**What is expected:** If a line below contains the string "number", copy it out.

**Dataset records:**
┄┄┄┄┄┄┄┄┄┄

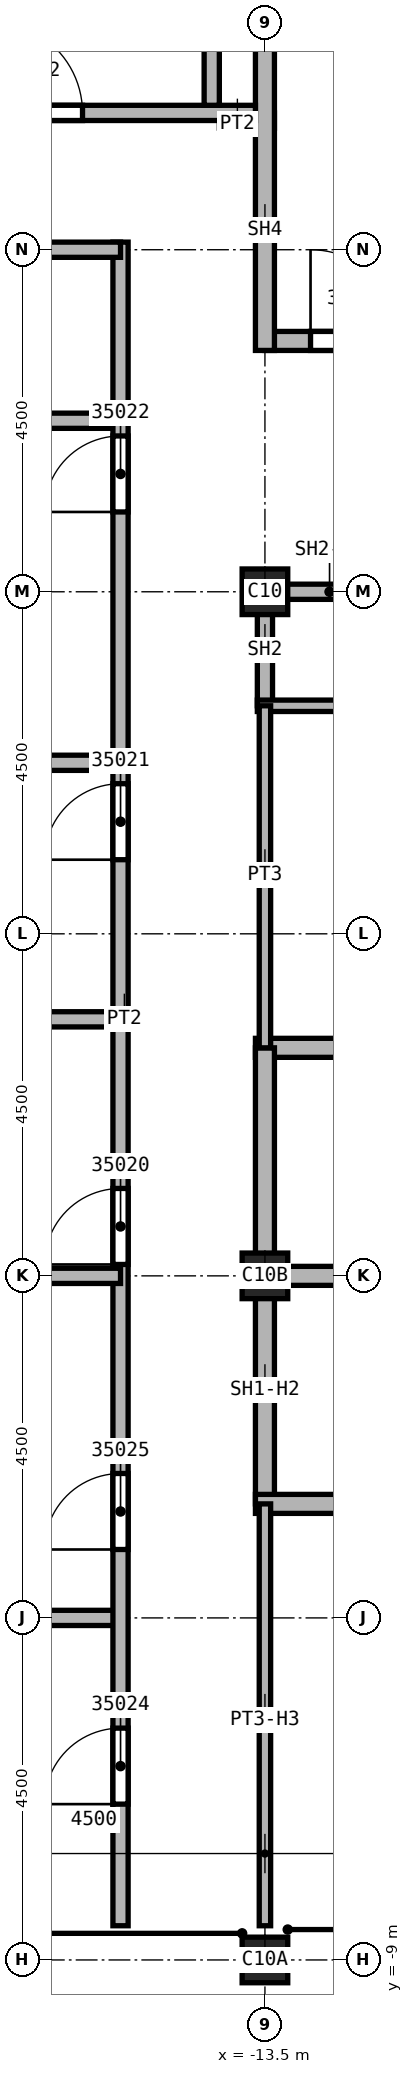
"""IFC4 building model, lengths in metres.
Left out: names, types, materials, properties, quantities, classifications, styles, units other than length and angle.
Written with IfcOpenShell. Run it as: python <this file> out.ifc"""

import sys

from ifc_helpers import new_model, si_unit, direction, frame, frame_2d, origin, origin_2d, place, context, subcontext, project, spatial, rectangle, extrude, element, fill, save


model = new_model("IFC4")
c1 = context("Model", 3, precision=1e-05, world=origin(), true_north=direction((0.0, 1.0)))
c2 = subcontext(c1, "Body", "Model", "MODEL_VIEW")
j1 = project(units=[si_unit("LENGTHUNIT", "METRE"), si_unit("PLANEANGLEUNIT", "RADIAN")], contexts=[c1])
p1 = place(None, origin())
s1 = spatial("IfcSite", under=j1, at=p1, CompositionType="ELEMENT")
p2 = place(p1, origin())
s2 = spatial("IfcBuilding", under=s1, at=p2, CompositionType="ELEMENT")
p3 = place(p2, frame((0.0, 0.0, 376.0)))
s3 = spatial("IfcBuildingStorey", under=s2, at=p3, CompositionType="ELEMENT", Elevation=376.0)
p4 = place(p3, frame((-13.5, 0.0, 0.0), z_axis=(0.0, 0.0, 1.0), x_axis=(1.0, 0.0, 0.0)))
e1 = element("IfcColumn", 1, at=p4, inside=s3, PredefinedType="COLUMN", context=c2, shape_type="SweptSolid", body=[
    extrude(rectangle(XDim=0.6, YDim=0.6, at=origin_2d()), origin(), (0.0, 0.0, 1.0), 7.919),
])
p5 = place(p3, frame((-13.5, 9.0, 0.0), z_axis=(0.0, 0.0, 1.0), x_axis=(1.0, 0.0, 0.0)))
e2 = element("IfcColumn", 2, at=p5, inside=s3, PredefinedType="COLUMN", context=c2, shape_type="SweptSolid", body=[
    extrude(rectangle(XDim=0.6, YDim=0.6, at=origin_2d()), origin(), (0.0, 0.0, 1.0), 4.6),
])
p6 = place(p3, frame((-13.5, -9.0, 0.0), z_axis=(0.0, 0.0, 1.0), x_axis=(1.0, 0.0, 0.0)))
e3 = element("IfcColumn", 3, at=p6, inside=s3, PredefinedType="COLUMN", context=c2, shape_type="SweptSolid", body=[
    extrude(rectangle(XDim=0.6, YDim=0.6, at=origin_2d()), origin(), (0.0, 0.0, 1.0), 3.725),
])
for number, where, z_axis, x_axis in (
    (4, (-26.736, 3.375, 0.0), (0.0, 0.0, 1.0), (1.0, 0.0, 0.0)),
    (5, (-26.736, 11.25, 0.0), (0.0, 0.0, 1.0), (1.0, 0.0, 0.0)),
):
    element("IfcWall", number, at=place(p3, frame(where, z_axis=z_axis, x_axis=x_axis)), inside=s3, PredefinedType="PARTITIONING", context=c2, shape_type="SweptSolid", body=[
        extrude(rectangle(XDim=11.336, YDim=0.2, at=frame_2d((5.668, 0.0))), origin(), (0.0, 0.0, 1.0), 4.15),
    ])
p7 = place(p3, frame((-26.55, -4.5, 0.0), z_axis=(0.0, 0.0, 1.0), x_axis=(1.0, 0.0, 0.0)))
e6 = element("IfcWall", 6, at=p7, inside=s3, PredefinedType="PARTITIONING", context=c2, shape_type="SweptSolid", body=[
    extrude(rectangle(XDim=11.15, YDim=0.2, at=frame_2d((5.575, 0.0))), origin(), (0.0, 0.0, 1.0), 4.566),
])
p8 = place(p3, frame((-20.65, 6.75, 0.0), z_axis=(0.0, 0.0, 1.0), x_axis=(1.0, 0.0, 0.0)))
e7 = element("IfcWall", 7, at=p8, inside=s3, PredefinedType="PARTITIONING", context=c2, shape_type="SweptSolid", body=[
    extrude(rectangle(XDim=5.25, YDim=0.2, at=frame_2d((2.625, 0.0))), origin(), (0.0, 0.0, 1.0), 4.15),
])
p9 = place(p3, frame((-15.4, -8.55, 0.0), z_axis=(0.0, 0.0, 1.0), x_axis=(0.0, 1.0, 0.0)))
e8 = element("IfcWall", 8, at=p9, inside=s3, PredefinedType="PARTITIONING", context=c2, shape_type="SweptSolid", body=[
    extrude(rectangle(XDim=22.15, YDim=0.2, at=frame_2d((11.075, 0.0))), origin(), (0.0, 0.0, 1.0), 4.15),
])
p10 = place(p9, frame((8.7, 0.0, 0.0)))
e9 = element("IfcOpeningElement", 9, at=p10, cuts=e8, PredefinedType="OPENING", context=c2, shape_type="SweptSolid", body=[
    extrude(rectangle(XDim=1.0, YDim=2.1, at=frame_2d((0.5, 1.05))), frame((0.0, 0.1, 0.0), z_axis=(0.0, -1.0, 0.0), x_axis=(1.0, 0.0, 0.0)), (0.0, 0.0, 1.0), 0.2),
])
p11 = place(p9, frame((14.025, 0.0, 0.0)))
e10 = element("IfcOpeningElement", 10, at=p11, cuts=e8, PredefinedType="OPENING", context=c2, shape_type="SweptSolid", body=[
    extrude(rectangle(XDim=1.0, YDim=2.1, at=frame_2d((0.5, 1.05))), frame((0.0, 0.1, 0.0), z_axis=(0.0, -1.0, 0.0), x_axis=(1.0, 0.0, 0.0)), (0.0, 0.0, 1.0), 0.2),
])
p12 = place(p9, frame((18.6, 0.0, 0.0)))
e11 = element("IfcOpeningElement", 11, at=p12, cuts=e8, PredefinedType="OPENING", context=c2, shape_type="SweptSolid", body=[
    extrude(rectangle(XDim=1.0, YDim=2.1, at=frame_2d((0.5, 1.05))), frame((0.0, 0.1, 0.0), z_axis=(0.0, -1.0, 0.0), x_axis=(1.0, 0.0, 0.0)), (0.0, 0.0, 1.0), 0.2),
])
p13 = place(p9, frame((1.6, 0.0, 0.0)))
e12 = element("IfcOpeningElement", 12, at=p13, cuts=e8, PredefinedType="OPENING", context=c2, shape_type="SweptSolid", body=[
    extrude(rectangle(XDim=1.0, YDim=2.1, at=frame_2d((0.5, 1.05))), frame((0.0, 0.1, 0.0), z_axis=(0.0, -1.0, 0.0), x_axis=(1.0, 0.0, 0.0)), (0.0, 0.0, 1.0), 0.2),
])
p14 = place(p9, frame((4.95, 0.0, 0.0)))
e13 = element("IfcOpeningElement", 13, at=p14, cuts=e8, PredefinedType="OPENING", context=c2, shape_type="SweptSolid", body=[
    extrude(rectangle(XDim=1.0, YDim=2.1, at=frame_2d((0.5, 1.05))), frame((0.0, 0.1, 0.0), z_axis=(0.0, -1.0, 0.0), x_axis=(1.0, 0.0, 0.0)), (0.0, 0.0, 1.0), 0.2),
])
p15 = place(p3, frame((-15.4, 0.0, 0.0), z_axis=(0.0, 0.0, 1.0), x_axis=(-1.0, 0.0, 0.0)))
e14 = element("IfcWall", 14, at=p15, inside=s3, PredefinedType="PARTITIONING", context=c2, shape_type="SweptSolid", body=[
    extrude(rectangle(XDim=11.15, YDim=0.2, at=frame_2d((5.575, 0.0))), origin(), (0.0, 0.0, 1.0), 6.453),
])
p16 = place(p3, frame((-15.4, 13.5, 0.0), z_axis=(0.0, 0.0, 1.0), x_axis=(-1.0, 0.0, 0.0)))
e15 = element("IfcWall", 15, at=p16, inside=s3, PredefinedType="PARTITIONING", context=c2, shape_type="SweptSolid", body=[
    extrude(rectangle(XDim=6.6, YDim=0.2, at=frame_2d((3.3, 0.0))), origin(), (0.0, 0.0, 1.0), 4.15),
])
p17 = place(p16, frame((3.7, 0.0, 0.0)))
e16 = element("IfcOpeningElement", 16, at=p17, cuts=e15, PredefinedType="OPENING", context=c2, shape_type="SweptSolid", body=[
    extrude(rectangle(XDim=1.0, YDim=2.1, at=frame_2d((0.5, 1.05))), frame((0.0, 0.1, 0.0), z_axis=(0.0, -1.0, 0.0), x_axis=(1.0, 0.0, 0.0)), (0.0, 0.0, 1.0), 0.2),
])
p18 = place(p3, frame((-14.1, 15.2, 0.0), z_axis=(0.0, 0.0, 1.0), x_axis=(1.0, 0.0, 0.0)))
e17 = element("IfcWall", 17, at=p18, inside=s3, PredefinedType="PARTITIONING", context=c2, shape_type="SweptSolid", body=[
    extrude(rectangle(XDim=0.725, YDim=0.2, at=frame_2d((0.363, 0.0))), origin(), (0.0, 0.0, 1.0), 4.15),
])
p19 = place(p3, frame((-13.5, 7.5, 0.0), z_axis=(0.0, 0.0, 1.0), x_axis=(0.0, 1.0, 0.0)))
e18 = element("IfcWall", 18, at=p19, inside=s3, PredefinedType="SOLIDWALL", context=c2, shape_type="SweptSolid", body=[
    extrude(rectangle(XDim=1.6, YDim=0.2, at=frame_2d((0.8, 0.0))), origin(), (0.0, 0.0, 1.0), 4.15),
])
p20 = place(p3, frame((-13.5, 9.0, 0.0), z_axis=(0.0, 0.0, 1.0), x_axis=(1.0, 0.0, 0.0)))
e19 = element("IfcWall", 19, at=p20, inside=s3, PredefinedType="SOLIDWALL", context=c2, shape_type="SweptSolid", body=[
    extrude(rectangle(XDim=3.0, YDim=0.2, at=frame_2d((1.5, 0.0))), origin(), (0.0, 0.0, 1.0), 3.754),
])
p21 = place(p20, frame((1.6, 0.0, 0.0)))
e20 = element("IfcOpeningElement", 20, at=p21, cuts=e19, PredefinedType="OPENING", context=c2, shape_type="SweptSolid", body=[
    extrude(rectangle(XDim=1.1, YDim=2.1, at=frame_2d((0.55, 1.05))), frame((0.0, 0.1, 0.0), z_axis=(0.0, -1.0, 0.0), x_axis=(1.0, 0.0, 0.0)), (0.0, 0.0, 1.0), 0.2),
])
p22 = place(p3, frame((-13.625, 0.0, 0.0), z_axis=(0.0, 0.0, 1.0), x_axis=(1.0, 0.0, 0.0)))
e21 = element("IfcWall", 21, at=p22, inside=s3, PredefinedType="SOLIDWALL", context=c2, shape_type="SweptSolid", body=[
    extrude(rectangle(XDim=3.125, YDim=0.25, at=frame_2d((1.562, 0.0))), origin(), (0.0, 0.0, 1.0), 7.152),
])
p23 = place(p3, frame((-13.625, 3.0, 0.0), z_axis=(0.0, 0.0, 1.0), x_axis=(1.0, 0.0, 0.0)))
e22 = element("IfcWall", 22, at=p23, inside=s3, PredefinedType="SOLIDWALL", context=c2, shape_type="SweptSolid", body=[
    extrude(rectangle(XDim=6.125, YDim=0.25, at=frame_2d((3.062, 0.0))), origin(), (0.0, 0.0, 1.0), 4.15),
])
p24 = place(p23, frame((4.75, 0.0, 0.0)))
e23 = element("IfcOpeningElement", 23, at=p24, cuts=e22, PredefinedType="OPENING", context=c2, shape_type="SweptSolid", body=[
    extrude(rectangle(XDim=1.1, YDim=2.1, at=frame_2d((0.55, 1.05))), frame((0.0, 0.125, 0.0), z_axis=(0.0, -1.0, 0.0), x_axis=(1.0, 0.0, 0.0)), (0.0, 0.0, 1.0), 0.25),
])
p25 = place(p3, frame((-13.5, -3.0, 0.0), z_axis=(0.0, 0.0, 1.0), x_axis=(0.0, 1.0, 0.0)))
e24 = element("IfcWall", 24, at=p25, inside=s3, PredefinedType="SOLIDWALL", context=c2, shape_type="SweptSolid", body=[
    extrude(rectangle(XDim=6.0, YDim=0.25, at=frame_2d((3.0, 0.0))), origin(), (0.0, 0.0, 1.0), 3.722),
])
p26 = place(p3, frame((-13.625, -3.0, 0.0), z_axis=(0.0, 0.0, 1.0), x_axis=(1.0, 0.0, 0.0)))
e25 = element("IfcWall", 25, at=p26, inside=s3, PredefinedType="SOLIDWALL", context=c2, shape_type="SweptSolid", body=[
    extrude(rectangle(XDim=6.125, YDim=0.25, at=frame_2d((3.062, 0.0))), origin(), (0.0, 0.0, 1.0), 4.566),
])
p27 = place(p26, frame((4.75, 0.0, 0.0)))
e26 = element("IfcOpeningElement", 26, at=p27, cuts=e25, PredefinedType="OPENING", context=c2, shape_type="SweptSolid", body=[
    extrude(rectangle(XDim=1.1, YDim=2.1, at=frame_2d((0.55, 1.05))), frame((0.0, 0.125, 0.0), z_axis=(0.0, -1.0, 0.0), x_axis=(1.0, 0.0, 0.0)), (0.0, 0.0, 1.0), 0.25),
])
p28 = place(p3, frame((-13.5, 12.3, 0.0), z_axis=(0.0, 0.0, 1.0), x_axis=(1.0, 0.0, 0.0)))
e27 = element("IfcWall", 27, at=p28, inside=s3, PredefinedType="SOLIDWALL", context=c2, shape_type="SweptSolid", body=[
    extrude(rectangle(XDim=9.125, YDim=0.25, at=frame_2d((4.562, 0.0))), origin(), (0.0, 0.0, 1.0), 4.15),
])
p29 = place(p28, frame((0.6, 0.0, 0.0)))
e28 = element("IfcOpeningElement", 28, at=p29, cuts=e27, PredefinedType="OPENING", context=c2, shape_type="SweptSolid", body=[
    extrude(rectangle(XDim=1.2, YDim=2.1, at=frame_2d((0.6, 1.05))), frame((0.0, 0.125, 0.0), z_axis=(0.0, -1.0, 0.0), x_axis=(1.0, 0.0, 0.0)), (0.0, 0.0, 1.0), 0.25),
])
p30 = place(p3, frame((-13.5, 12.175, 0.0), z_axis=(0.0, 0.0, 1.0), x_axis=(0.0, 1.0, 0.0)))
e29 = element("IfcWall", 29, at=p30, inside=s3, PredefinedType="SOLIDWALL", context=c2, shape_type="SweptSolid", body=[
    extrude(rectangle(XDim=4.75, YDim=0.25, at=frame_2d((2.375, 0.0))), origin(), (0.0, 0.0, 1.0), 4.15),
])
p31 = place(p3, frame((-13.6, 7.5, 0.0), z_axis=(0.0, 0.0, 1.0), x_axis=(1.0, 0.0, 0.0)))
e30 = element("IfcWall", 30, at=p31, inside=s3, PredefinedType="PARTITIONING", context=c2, shape_type="SweptSolid", body=[
    extrude(rectangle(XDim=3.1, YDim=0.15, at=frame_2d((1.55, 0.0))), origin(), (0.0, 0.0, 1.0), 4.15),
])
p32 = place(p3, frame((-13.5, -8.55, 0.0), z_axis=(0.0, 0.0, 1.0), x_axis=(0.0, 1.0, 0.0)))
e31 = element("IfcWall", 31, at=p32, inside=s3, PredefinedType="PARTITIONING", context=c2, shape_type="SweptSolid", body=[
    extrude(rectangle(XDim=5.55, YDim=0.15, at=frame_2d((2.775, 0.0))), origin(), (0.0, 0.0, 1.0), 3.722),
])
p33 = place(p3, frame((-13.5, 3.0, 0.0), z_axis=(0.0, 0.0, 1.0), x_axis=(0.0, 1.0, 0.0)))
e32 = element("IfcWall", 32, at=p33, inside=s3, PredefinedType="PARTITIONING", context=c2, shape_type="SweptSolid", body=[
    extrude(rectangle(XDim=4.5, YDim=0.15, at=frame_2d((2.25, 0.0))), origin(), (0.0, 0.0, 1.0), 4.15),
])
p34 = place(p3, frame((-21.9, 15.3, 0.0), z_axis=(0.0, 0.0, 1.0), x_axis=(1.0, 0.0, 0.0)))
e33 = element("IfcWall", 33, at=p34, inside=s3, PredefinedType="SOLIDWALL", context=c2, shape_type="SweptSolid", body=[
    extrude(rectangle(XDim=8.275, YDim=0.2, at=frame_2d((4.137, 0.0))), origin(), (0.0, 0.0, 1.0), 4.15),
])
p35 = place(p34, frame((4.8, 0.0, 0.0)))
e34 = element("IfcOpeningElement", 34, at=p35, cuts=e33, PredefinedType="OPENING", context=c2, shape_type="SweptSolid", body=[
    extrude(rectangle(XDim=1.2, YDim=2.1, at=frame_2d((0.6, 1.05))), frame((0.0, 0.1, 0.0), z_axis=(0.0, -1.0, 0.0), x_axis=(1.0, 0.0, 0.0)), (0.0, 0.0, 1.0), 0.2),
])
p36 = place(p3, frame((-14.2, 15.4, 0.0), z_axis=(0.0, 0.0, 1.0), x_axis=(0.0, 1.0, 0.0)))
e35 = element("IfcWall", 35, at=p36, inside=s3, PredefinedType="SOLIDWALL", context=c2, shape_type="SweptSolid", body=[
    extrude(rectangle(XDim=5.9, YDim=0.2, at=frame_2d((2.95, 0.0))), origin(), (0.0, 0.0, 1.0), 4.15),
])
p37 = place(p29, origin())
e36 = element("IfcDoor", 36, at=p37, inside=s3, OperationType="SINGLE_SWING_RIGHT", PredefinedType="DOOR", context=c2, shape_type="SweptSolid", body=[
    extrude(rectangle(XDim=1.2, YDim=2.1, at=frame_2d((0.6, 1.05))), frame((0.0, 0.025, 0.0), z_axis=(0.0, -1.0, 0.0), x_axis=(1.0, 0.0, 0.0)), (0.0, 0.0, 1.0), 0.05),
])
fill(e28, e36)
p38 = place(p10, origin())
e37 = element("IfcDoor", 37, at=p38, inside=s3, OperationType="SINGLE_SWING_LEFT", PredefinedType="DOOR", context=c2, shape_type="SweptSolid", body=[
    extrude(rectangle(XDim=1.0, YDim=2.1, at=frame_2d((0.5, 1.05))), frame((0.0, 0.025, 0.0), z_axis=(0.0, -1.0, 0.0), x_axis=(1.0, 0.0, 0.0)), (0.0, 0.0, 1.0), 0.05),
])
fill(e9, e37)
p39 = place(p11, origin())
e38 = element("IfcDoor", 38, at=p39, inside=s3, OperationType="SINGLE_SWING_RIGHT", PredefinedType="DOOR", context=c2, shape_type="SweptSolid", body=[
    extrude(rectangle(XDim=1.0, YDim=2.1, at=frame_2d((0.5, 1.05))), frame((0.0, 0.025, 0.0), z_axis=(0.0, -1.0, 0.0), x_axis=(1.0, 0.0, 0.0)), (0.0, 0.0, 1.0), 0.05),
])
fill(e10, e38)
p40 = place(p12, origin())
e39 = element("IfcDoor", 39, at=p40, inside=s3, OperationType="SINGLE_SWING_LEFT", PredefinedType="DOOR", context=c2, shape_type="SweptSolid", body=[
    extrude(rectangle(XDim=1.0, YDim=2.1, at=frame_2d((0.5, 1.05))), frame((0.0, 0.025, 0.0), z_axis=(0.0, -1.0, 0.0), x_axis=(1.0, 0.0, 0.0)), (0.0, 0.0, 1.0), 0.05),
])
fill(e11, e39)
p41 = place(p13, origin())
e40 = element("IfcDoor", 40, at=p41, inside=s3, OperationType="SINGLE_SWING_LEFT", PredefinedType="DOOR", context=c2, shape_type="SweptSolid", body=[
    extrude(rectangle(XDim=1.0, YDim=2.1, at=frame_2d((0.5, 1.05))), frame((0.0, 0.025, 0.0), z_axis=(0.0, -1.0, 0.0), x_axis=(1.0, 0.0, 0.0)), (0.0, 0.0, 1.0), 0.05),
])
fill(e12, e40)
p42 = place(p14, origin())
e41 = element("IfcDoor", 41, at=p42, inside=s3, OperationType="SINGLE_SWING_RIGHT", PredefinedType="DOOR", context=c2, shape_type="SweptSolid", body=[
    extrude(rectangle(XDim=1.0, YDim=2.1, at=frame_2d((0.5, 1.05))), frame((0.0, 0.025, 0.0), z_axis=(0.0, -1.0, 0.0), x_axis=(1.0, 0.0, 0.0)), (0.0, 0.0, 1.0), 0.05),
])
fill(e13, e41)
p43 = place(p35, origin())
e42 = element("IfcDoor", 42, at=p43, inside=s3, OperationType="SINGLE_SWING_RIGHT", PredefinedType="DOOR", context=c2, shape_type="SweptSolid", body=[
    extrude(rectangle(XDim=1.2, YDim=2.1, at=frame_2d((0.6, 1.05))), frame((0.0, 0.025, 0.0), z_axis=(0.0, -1.0, 0.0), x_axis=(1.0, 0.0, 0.0)), (0.0, 0.0, 1.0), 0.05),
])
fill(e34, e42)
save(model, sys.argv[1])

┄┄┄┄┄┄┄┄┄┄

**Exercise answer:**
for number, where, z_axis, x_axis in (
    element("IfcWall", number, at=place(p3, frame(where, z_axis=z_axis, x_axis=x_axis)), inside=s3, PredefinedType="PARTITIONING", context=c2, shape_type="SweptSolid", body=[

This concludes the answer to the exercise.